__GIVEN RECORDS__:
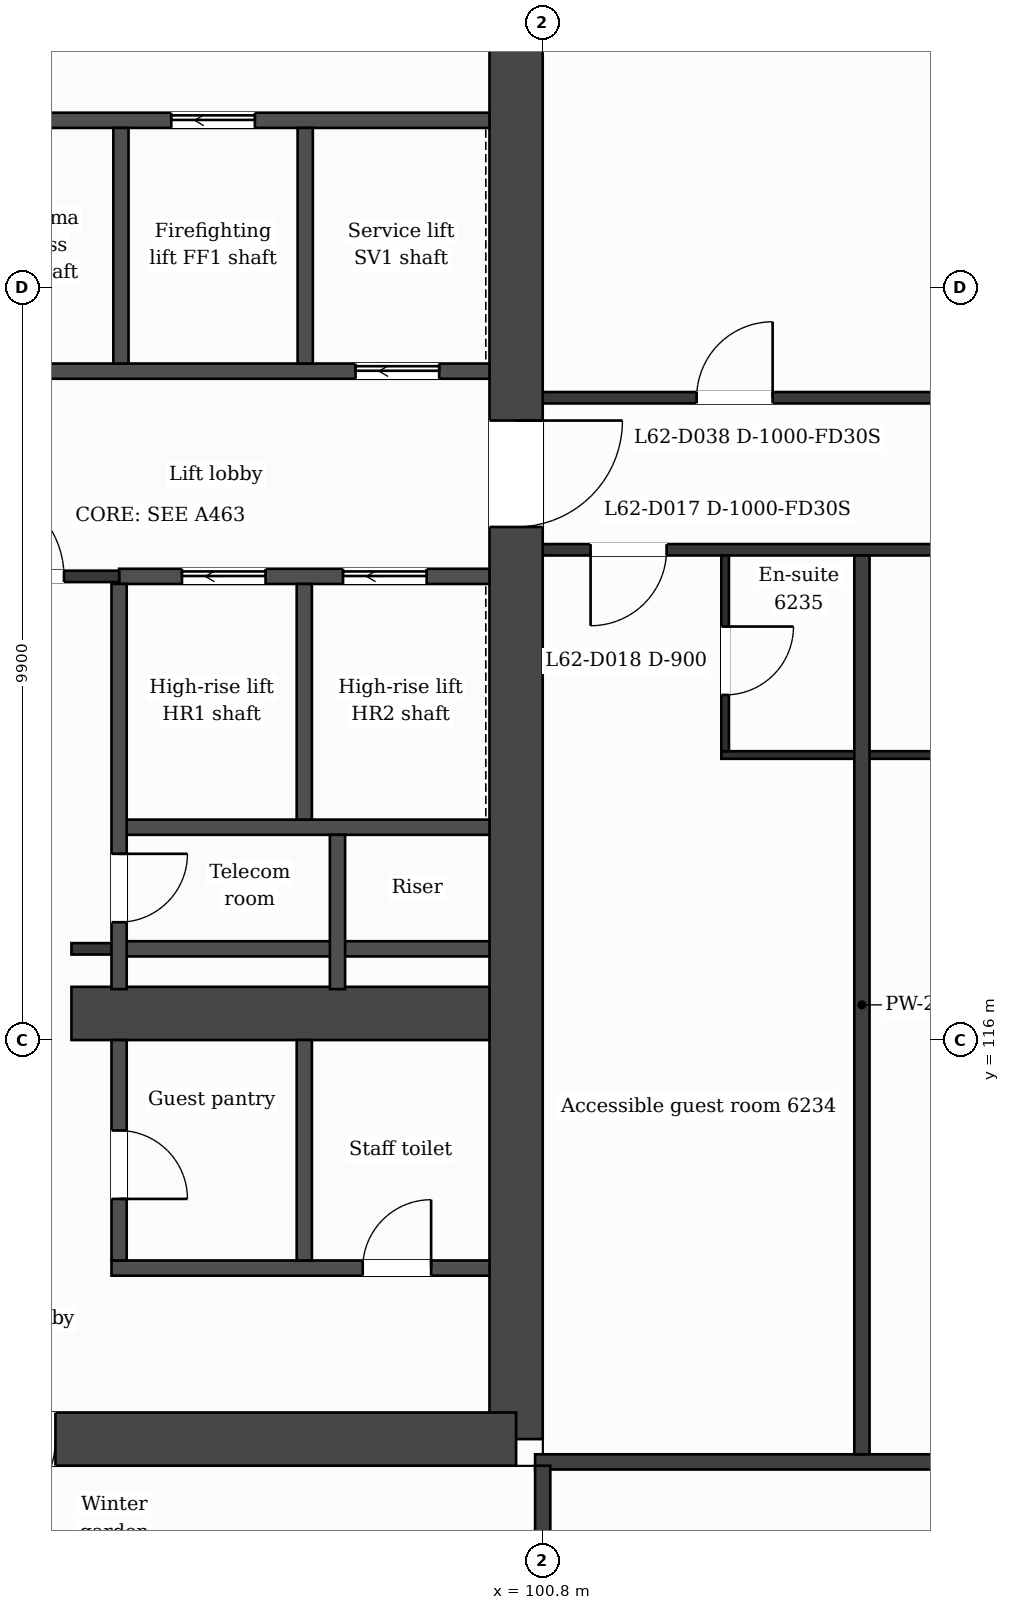
"""IFC4 building model, lengths in metres.
Left out: names, types, materials, properties, quantities, classifications, styles, units other than length and angle.
Written with IfcOpenShell. Run it as: python <this file> out.ifc"""

import sys

from ifc_helpers import new_model, si_unit, direction, frame, frame_2d, origin, place, context, subcontext, project, spatial, rectangle, extrude, element, fill, save


model = new_model("IFC4")
c1 = context("Model", 3, precision=1e-05, world=origin(), true_north=direction((0.0, 1.0)))
c2 = subcontext(c1, "Body", "Model", "MODEL_VIEW")
j1 = project(units=[si_unit("LENGTHUNIT", "METRE"), si_unit("PLANEANGLEUNIT", "RADIAN")], contexts=[c1])
p1 = place(None, origin())
s1 = spatial("IfcSite", under=j1, at=p1, CompositionType="ELEMENT")
p2 = place(p1, origin())
s2 = spatial("IfcBuilding", under=s1, at=p2, CompositionType="ELEMENT")
p3 = place(p2, frame((0.0, 0.0, 259.0)))
s3 = spatial("IfcBuildingStorey", under=s2, at=p3, CompositionType="ELEMENT", Elevation=259.0)
p4 = place(p3, frame((100.45, 132.05, 0.0), z_axis=(0.0, 0.0, 1.0), x_axis=(0.0, -1.0, 0.0)))
e1 = element("IfcWall", 1, at=p4, inside=s3, PredefinedType="SHEAR", context=c2, shape_type="SweptSolid", body=[
    extrude(rectangle(XDim=21.3, YDim=0.7, at=frame_2d((10.65, 0.0))), origin(), (0.0, 0.0, 1.0), 3.7),
])
p5 = place(p4, frame((7.9, 0.0, 0.0)))
e2 = element("IfcOpeningElement", 2, at=p5, cuts=e1, PredefinedType="OPENING", context=c2, shape_type="SweptSolid", body=[
    extrude(rectangle(XDim=1.4, YDim=2.1, at=frame_2d((0.7, 1.05))), frame((0.0, 0.36, 0.0), z_axis=(0.0, -1.0, 0.0), x_axis=(1.0, 0.0, 0.0)), (0.0, 0.0, 1.0), 0.72),
])
p6 = place(p3, frame((100.45, 110.75, 0.0), z_axis=(0.0, 0.0, 1.0), x_axis=(-1.0, 0.0, 0.0)))
e3 = element("IfcWall", 3, at=p6, inside=s3, PredefinedType="SHEAR", context=c2, shape_type="SweptSolid", body=[
    extrude(rectangle(XDim=14.38, YDim=0.7, at=frame_2d((7.19, 0.0))), origin(), (0.0, 0.0, 1.0), 3.7),
])
p7 = place(p6, frame((6.06, 0.0, 0.0)))
e4 = element("IfcOpeningElement", 4, at=p7, cuts=e3, PredefinedType="OPENING", context=c2, shape_type="SweptSolid", body=[
    extrude(rectangle(XDim=1.2, YDim=2.1, at=frame_2d((0.6, 1.05))), frame((0.0, 0.36, 0.0), z_axis=(0.0, -1.0, 0.0), x_axis=(1.0, 0.0, 0.0)), (0.0, 0.0, 1.0), 0.72),
])
p8 = place(p3, frame((94.6, 116.35, 0.0), z_axis=(0.0, 0.0, 1.0), x_axis=(1.0, 0.0, 0.0)))
e5 = element("IfcWall", 5, at=p8, inside=s3, PredefinedType="SHEAR", context=c2, shape_type="SweptSolid", body=[
    extrude(rectangle(XDim=5.5, YDim=0.7, at=frame_2d((2.75, 0.0))), origin(), (0.0, 0.0, 1.0), 3.7),
])
p9 = place(p3, frame((100.7, 110.45, 0.0), z_axis=(0.0, 0.0, 1.0), x_axis=(1.0, 0.0, 0.0)))
e6 = element("IfcWall", 6, at=p9, inside=s3, PredefinedType="PARTITIONING", context=c2, shape_type="SweptSolid", body=[
    extrude(rectangle(XDim=25.4, YDim=0.2, at=frame_2d((12.7, 0.0))), origin(), (0.0, 0.0, 1.0), 3.38),
])
p10 = place(p3, frame((95.127, 113.0, 0.0), z_axis=(0.0, 0.0, 1.0), x_axis=(1.0, 0.0, 0.0)))
e7 = element("IfcWall", 7, at=p10, inside=s3, PredefinedType="PARTITIONING", context=c2, shape_type="SweptSolid", body=[
    extrude(rectangle(XDim=4.973, YDim=0.2, at=frame_2d((2.487, 0.0))), origin(), (0.0, 0.0, 1.0), 3.38),
])
p11 = place(p10, frame((3.305, 0.0, 0.0)))
e8 = element("IfcOpeningElement", 8, at=p11, cuts=e7, PredefinedType="OPENING", context=c2, shape_type="SweptSolid", body=[
    extrude(rectangle(XDim=0.9, YDim=2.1, at=frame_2d((0.45, 1.05))), frame((0.0, 0.11, 0.0), z_axis=(0.0, -1.0, 0.0), x_axis=(1.0, 0.0, 0.0)), (0.0, 0.0, 1.0), 0.22),
])
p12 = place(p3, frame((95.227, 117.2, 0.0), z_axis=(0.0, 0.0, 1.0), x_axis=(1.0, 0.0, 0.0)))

__WHAT IS BEING ASKED__:
Copy every line of the records above that contains "direction".

__SOLUTION TO THIS TASK__:
from ifc_helpers import new_model, si_unit, direction, frame, frame_2d, origin, place, context, subcontext, project, spatial, rectangle, extrude, element, fill, save
c1 = context("Model", 3, precision=1e-05, world=origin(), true_north=direction((0.0, 1.0)))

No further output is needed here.